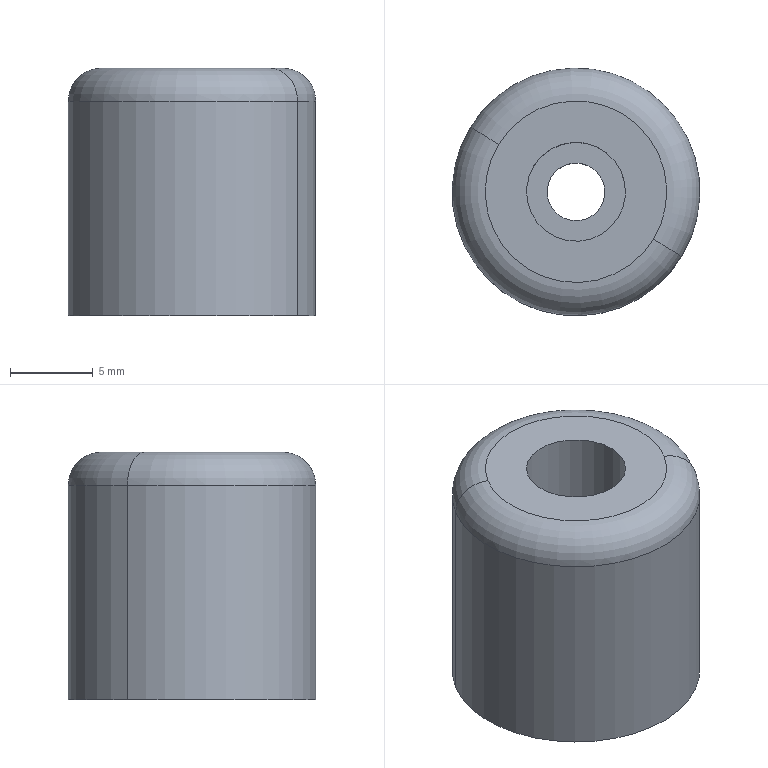Component | SolidWorks | DZ.KX.203-TC1505-20-18-05-92-1 | 1 solid | 14 faces | box 15 x 15 x 15 mm | volume 2153 mm3 | cylinder 8 | plane 4 | torus 2 | commonest cylinder face diameters 6 x2 3.5 x2 8 x2 15 x2 | material Plain Carbon Steel
build123d program:
from build123d import *

# Parameters (mm, degrees)
SKETCH1_R                                         = 7.5
BOSS_EXTRUDE1_DEPTH                               = 15
F_8_0_8_DIAMETER_HOLE1_D                          = 8
F_8_0_8_DIAMETER_HOLE1_DEPTH                      = 5
HOLE_SIZE_ACCORDING_TO_HEXAGON_SOCKET_D           = 3.5
HOLE_SIZE_ACCORDING_TO_HEXAGON_SOCKET_CBORE_D     = 6
HOLE_SIZE_ACCORDING_TO_HEXAGON_SOCKET_CBORE_DEPTH = 6
FILLET1_R                                         = 2


with BuildPart() as part:
    # Sketch1 → Boss-Extrude1 (new body)
    with BuildSketch(Plane(origin=(0, 0, 0), x_dir=(0, 0, -1), z_dir=(1, 0, 0))):
        Circle(SKETCH1_R)
    extrude(amount=BOSS_EXTRUDE1_DEPTH)

    # 8.0 _8_ Diameter Hole1
    with Locations(Plane(origin=(15, 0, 0), x_dir=(0, 0, -1), z_dir=(1, 0, 0))):
        with Locations((0, 0)):
            Hole(F_8_0_8_DIAMETER_HOLE1_D / 2, depth=F_8_0_8_DIAMETER_HOLE1_DEPTH)

    # Hole Size _according to_ Hexagon Socket (through all)
    with Locations(Plane.ZY):
        with Locations((0, 0)):
            CounterBoreHole(HOLE_SIZE_ACCORDING_TO_HEXAGON_SOCKET_D / 2, HOLE_SIZE_ACCORDING_TO_HEXAGON_SOCKET_CBORE_D / 2, HOLE_SIZE_ACCORDING_TO_HEXAGON_SOCKET_CBORE_DEPTH)

    # Fillet1
    fillet1_edges = [part.edges().sort_by_distance(p)[0] for p in [
        (0, 0, 7.5),
    ]]
    fillet(fillet1_edges, radius=FILLET1_R)


solid = part.part

# Placed as in the assembly
solid = solid.moved(Location((295.5, -817.807, 148.06), (0, 90, 0)))
STEP:
#1=COLOUR_RGB('',0.7922,0.8196,0.9333);
#2=FILL_AREA_STYLE_COLOUR('',#1);
#3=FILL_AREA_STYLE('',(#2));
#4=SURFACE_STYLE_FILL_AREA(#3);
#5=SURFACE_SIDE_STYLE('',(#4));
#6=SURFACE_STYLE_USAGE(.BOTH.,#5);
#7=PRESENTATION_STYLE_ASSIGNMENT((#6));
#8=CARTESIAN_POINT('',(11.819,-32.31,5.829));
#9=VERTEX_POINT('',#8);
#10=CARTESIAN_POINT('',(11.449,-32.084,5.829));
#11=VERTEX_POINT('',#10);
#12=CARTESIAN_POINT('',(11.634,-32.197,5.829));
#13=DIRECTION('',(-0.,0.,1.));
#14=DIRECTION('',(-0.8531,0.5218,0.));
#15=AXIS2_PLACEMENT_3D('',#12,#13,#14);
#16=CIRCLE('',#15,0.2165);
#17=EDGE_CURVE('',#9,#11,#16,.T.);
#18=ORIENTED_EDGE('',*,*,#17,.F.);
#19=CARTESIAN_POINT('',(11.886,-32.351,5.75));
#20=VERTEX_POINT('',#19);
#21=CARTESIAN_POINT('',(11.819,-32.31,5.75));
#22=DIRECTION('',(0.5218,0.8531,-0.));
#23=DIRECTION('',(-0.8531,0.5218,0.));
#24=AXIS2_PLACEMENT_3D('',#21,#22,#23);
#25=CIRCLE('',#24,0.07874);
#26=EDGE_CURVE('',#9,#20,#25,.T.);
#27=ORIENTED_EDGE('',*,*,#26,.T.);
#28=CARTESIAN_POINT('',(11.382,-32.043,5.75));
#29=VERTEX_POINT('',#28);
#30=CARTESIAN_POINT('',(11.634,-32.197,5.75));
#31=DIRECTION('',(0.,-0.,-1.));
#32=DIRECTION('',(-0.8531,0.5218,0.));
#33=AXIS2_PLACEMENT_3D('',#30,#31,#32);
#34=CIRCLE('',#33,0.2953);
#35=EDGE_CURVE('',#29,#20,#34,.T.);
#36=ORIENTED_EDGE('',*,*,#35,.F.);
#37=CARTESIAN_POINT('',(11.449,-32.084,5.75));
#38=DIRECTION('',(-0.5218,-0.8531,0.));
#39=DIRECTION('',(0.8531,-0.5218,0.));
#40=AXIS2_PLACEMENT_3D('',#37,#38,#39);
#41=CIRCLE('',#40,0.07874);
#42=EDGE_CURVE('',#11,#29,#41,.T.);
#43=ORIENTED_EDGE('',*,*,#42,.F.);
#44=EDGE_LOOP('',(#18,#27,#36,#43));
#45=FACE_OUTER_BOUND('',#44,.T.);
#46=CARTESIAN_POINT('',(11.634,-32.197,5.75));
#47=DIRECTION('',(0.,-0.,-1.));
#48=DIRECTION('',(-0.8531,0.5218,-0.));
#49=AXIS2_PLACEMENT_3D('',#46,#47,#48);
#50=TOROIDAL_SURFACE('',#49,0.2165,0.07874);
#51=ADVANCED_FACE('',(#45),#50,.T.);
#52=CARTESIAN_POINT('',(11.533,-32.135,5.593));
#53=VERTEX_POINT('',#52);
#54=CARTESIAN_POINT('',(11.735,-32.259,5.593));
#55=VERTEX_POINT('',#54);
#56=CARTESIAN_POINT('',(11.634,-32.197,5.593));
#57=DIRECTION('',(-0.,0.,1.));
#58=DIRECTION('',(0.8531,-0.5218,0.));
#59=AXIS2_PLACEMENT_3D('',#56,#57,#58);
#60=CIRCLE('',#59,0.1181);
#61=EDGE_CURVE('',#53,#55,#60,.T.);
#62=ORIENTED_EDGE('',*,*,#61,.F.);
#63=CARTESIAN_POINT('',(11.533,-32.135,5.829));
#64=VERTEX_POINT('',#63);
#65=CARTESIAN_POINT('',(11.533,-32.135,5.829));
#66=DIRECTION('',(-0.,0.,1.));
#67=VECTOR('',#66,39.37);
#68=LINE('',#65,#67);
#69=EDGE_CURVE('',#53,#64,#68,.T.);
#70=ORIENTED_EDGE('',*,*,#69,.T.);
#71=CARTESIAN_POINT('',(11.735,-32.259,5.829));
#72=VERTEX_POINT('',#71);
#73=CARTESIAN_POINT('',(11.634,-32.197,5.829));
#74=DIRECTION('',(-0.,0.,1.));
#75=DIRECTION('',(0.8531,-0.5218,0.));
#76=AXIS2_PLACEMENT_3D('',#73,#74,#75);
#77=CIRCLE('',#76,0.1181);
#78=EDGE_CURVE('',#64,#72,#77,.T.);
#79=ORIENTED_EDGE('',*,*,#78,.T.);
#80=CARTESIAN_POINT('',(11.735,-32.259,5.829));
#81=DIRECTION('',(-0.,0.,1.));
#82=VECTOR('',#81,39.37);
#83=LINE('',#80,#82);
#84=EDGE_CURVE('',#55,#72,#83,.T.);
#85=ORIENTED_EDGE('',*,*,#84,.F.);
#86=EDGE_LOOP('',(#62,#70,#79,#85));
#87=FACE_OUTER_BOUND('',#86,.T.);
#88=CARTESIAN_POINT('',(11.634,-32.197,5.829));
#89=DIRECTION('',(-0.,0.,1.));
#90=DIRECTION('',(0.8531,-0.5218,0.));
#91=AXIS2_PLACEMENT_3D('',#88,#89,#90);
#92=CYLINDRICAL_SURFACE('',#91,0.1181);
#93=ADVANCED_FACE('',(#87),#92,.F.);
#94=CARTESIAN_POINT('',(11.575,-32.161,5.435));
#95=VERTEX_POINT('',#94);
#96=CARTESIAN_POINT('',(11.693,-32.233,5.435));
#97=VERTEX_POINT('',#96);
#98=CARTESIAN_POINT('',(11.634,-32.197,5.435));
#99=DIRECTION('',(-0.,0.,1.));
#100=DIRECTION('',(0.8531,-0.5218,0.));
#101=AXIS2_PLACEMENT_3D('',#98,#99,#100);
#102=CIRCLE('',#101,0.0689);
#103=EDGE_CURVE('',#95,#97,#102,.T.);
#104=ORIENTED_EDGE('',*,*,#103,.F.);
#105=CARTESIAN_POINT('',(11.575,-32.161,5.593));
#106=VERTEX_POINT('',#105);
#107=CARTESIAN_POINT('',(11.575,-32.161,5.829));
#108=DIRECTION('',(-0.,0.,1.));
#109=VECTOR('',#108,39.37);
#110=LINE('',#107,#109);
#111=EDGE_CURVE('',#95,#106,#110,.T.);
#112=ORIENTED_EDGE('',*,*,#111,.T.);
#113=CARTESIAN_POINT('',(11.693,-32.233,5.593));
#114=VERTEX_POINT('',#113);
#115=CARTESIAN_POINT('',(11.634,-32.197,5.593));
#116=DIRECTION('',(-0.,0.,1.));
#117=DIRECTION('',(0.8531,-0.5218,0.));
#118=AXIS2_PLACEMENT_3D('',#115,#116,#117);
#119=CIRCLE('',#118,0.0689);
#120=EDGE_CURVE('',#106,#114,#119,.T.);
#121=ORIENTED_EDGE('',*,*,#120,.T.);
#122=CARTESIAN_POINT('',(11.693,-32.233,5.829));
#123=DIRECTION('',(-0.,0.,1.));
#124=VECTOR('',#123,39.37);
#125=LINE('',#122,#124);
#126=EDGE_CURVE('',#97,#114,#125,.T.);
#127=ORIENTED_EDGE('',*,*,#126,.F.);
#128=EDGE_LOOP('',(#104,#112,#121,#127));
#129=FACE_OUTER_BOUND('',#128,.T.);
#130=CARTESIAN_POINT('',(11.634,-32.197,5.829));
#131=DIRECTION('',(-0.,0.,1.));
#132=DIRECTION('',(0.8531,-0.5218,0.));
#133=AXIS2_PLACEMENT_3D('',#130,#131,#132);
#134=CYLINDRICAL_SURFACE('',#133,0.0689);
#135=ADVANCED_FACE('',(#129),#134,.F.);
#136=CARTESIAN_POINT('',(11.768,-32.279,5.435));
#137=VERTEX_POINT('',#136);
#138=CARTESIAN_POINT('',(11.5,-32.115,5.435));
#139=VERTEX_POINT('',#138);
#140=CARTESIAN_POINT('',(11.634,-32.197,5.435));
#141=DIRECTION('',(0.,-0.,-1.));
#142=DIRECTION('',(-0.8531,0.5218,0.));
#143=AXIS2_PLACEMENT_3D('',#140,#141,#142);
#144=CIRCLE('',#143,0.1575);
#145=EDGE_CURVE('',#137,#139,#144,.T.);
#146=ORIENTED_EDGE('',*,*,#145,.F.);
#147=CARTESIAN_POINT('',(11.768,-32.279,5.239));
#148=VERTEX_POINT('',#147);
#149=CARTESIAN_POINT('',(11.768,-32.279,5.239));
#150=DIRECTION('',(0.,-0.,-1.));
#151=VECTOR('',#150,39.37);
#152=LINE('',#149,#151);
#153=EDGE_CURVE('',#137,#148,#152,.T.);
#154=ORIENTED_EDGE('',*,*,#153,.T.);
#155=CARTESIAN_POINT('',(11.5,-32.115,5.239));
#156=VERTEX_POINT('',#155);
#157=CARTESIAN_POINT('',(11.634,-32.197,5.239));
#158=DIRECTION('',(0.,-0.,-1.));
#159=DIRECTION('',(-0.8531,0.5218,0.));
#160=AXIS2_PLACEMENT_3D('',#157,#158,#159);
#161=CIRCLE('',#160,0.1575);
#162=EDGE_CURVE('',#148,#156,#161,.T.);
#163=ORIENTED_EDGE('',*,*,#162,.T.);
#164=CARTESIAN_POINT('',(11.5,-32.115,5.239));
#165=DIRECTION('',(0.,-0.,-1.));
#166=VECTOR('',#165,39.37);
#167=LINE('',#164,#166);
#168=EDGE_CURVE('',#139,#156,#167,.T.);
#169=ORIENTED_EDGE('',*,*,#168,.F.);
#170=EDGE_LOOP('',(#146,#154,#163,#169));
#171=FACE_OUTER_BOUND('',#170,.T.);
#172=CARTESIAN_POINT('',(11.634,-32.197,5.239));
#173=DIRECTION('',(0.,-0.,-1.));
#174=DIRECTION('',(-0.8531,0.5218,0.));
#175=AXIS2_PLACEMENT_3D('',#172,#173,#174);
#176=CYLINDRICAL_SURFACE('',#175,0.1575);
#177=ADVANCED_FACE('',(#171),#176,.F.);
#178=CARTESIAN_POINT('',(11.382,-32.043,5.239));
#179=VERTEX_POINT('',#178);
#180=CARTESIAN_POINT('',(11.886,-32.351,5.239));
#181=VERTEX_POINT('',#180);
#182=CARTESIAN_POINT('',(11.634,-32.197,5.239));
#183=DIRECTION('',(0.,-0.,-1.));
#184=DIRECTION('',(-0.8531,0.5218,0.));
#185=AXIS2_PLACEMENT_3D('',#182,#183,#184);
#186=CIRCLE('',#185,0.2953);
#187=EDGE_CURVE('',#179,#181,#186,.T.);
#188=ORIENTED_EDGE('',*,*,#187,.F.);
#189=CARTESIAN_POINT('',(11.382,-32.043,5.239));
#190=DIRECTION('',(-0.,0.,1.));
#191=VECTOR('',#190,39.37);
#192=LINE('',#189,#191);
#193=EDGE_CURVE('',#179,#29,#192,.T.);
#194=ORIENTED_EDGE('',*,*,#193,.T.);
#195=ORIENTED_EDGE('',*,*,#35,.T.);
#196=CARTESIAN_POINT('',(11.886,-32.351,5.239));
****************************************
● **Task objective**: Copy exactly, and only, the lines from the first entry through the line holding "2, HOLE_SIZE_ACCORDING_TO_HEXAGON_SOCKET_CBORE_D /", both ends included, leaving out every picture.

● **Solution to the problem**:
Component | SolidWorks | DZ.KX.203-TC1505-20-18-05-92-1 | 1 solid | 14 faces | box 15 x 15 x 15 mm | volume 2153 mm3 | cylinder 8 | plane 4 | torus 2 | commonest cylinder face diameters 6 x2 3.5 x2 8 x2 15 x2 | material Plain Carbon Steel
build123d program:
from build123d import *

# Parameters (mm, degrees)
SKETCH1_R                                         = 7.5
BOSS_EXTRUDE1_DEPTH                               = 15
F_8_0_8_DIAMETER_HOLE1_D                          = 8
F_8_0_8_DIAMETER_HOLE1_DEPTH                      = 5
HOLE_SIZE_ACCORDING_TO_HEXAGON_SOCKET_D           = 3.5
HOLE_SIZE_ACCORDING_TO_HEXAGON_SOCKET_CBORE_D     = 6
HOLE_SIZE_ACCORDING_TO_HEXAGON_SOCKET_CBORE_DEPTH = 6
FILLET1_R                                         = 2


with BuildPart() as part:
    # Sketch1 → Boss-Extrude1 (new body)
    with BuildSketch(Plane(origin=(0, 0, 0), x_dir=(0, 0, -1), z_dir=(1, 0, 0))):
        Circle(SKETCH1_R)
    extrude(amount=BOSS_EXTRUDE1_DEPTH)

    # 8.0 _8_ Diameter Hole1
    with Locations(Plane(origin=(15, 0, 0), x_dir=(0, 0, -1), z_dir=(1, 0, 0))):
        with Locations((0, 0)):
            Hole(F_8_0_8_DIAMETER_HOLE1_D / 2, depth=F_8_0_8_DIAMETER_HOLE1_DEPTH)

    # Hole Size _according to_ Hexagon Socket (through all)
    with Locations(Plane.ZY):
        with Locations((0, 0)):
            CounterBoreHole(HOLE_SIZE_ACCORDING_TO_HEXAGON_SOCKET_D / 2, HOLE_SIZE_ACCORDING_TO_HEXAGON_SOCKET_CBORE_D / 2, HOLE_SIZE_ACCORDING_TO_HEXAGON_SOCKET_CBORE_DEPTH)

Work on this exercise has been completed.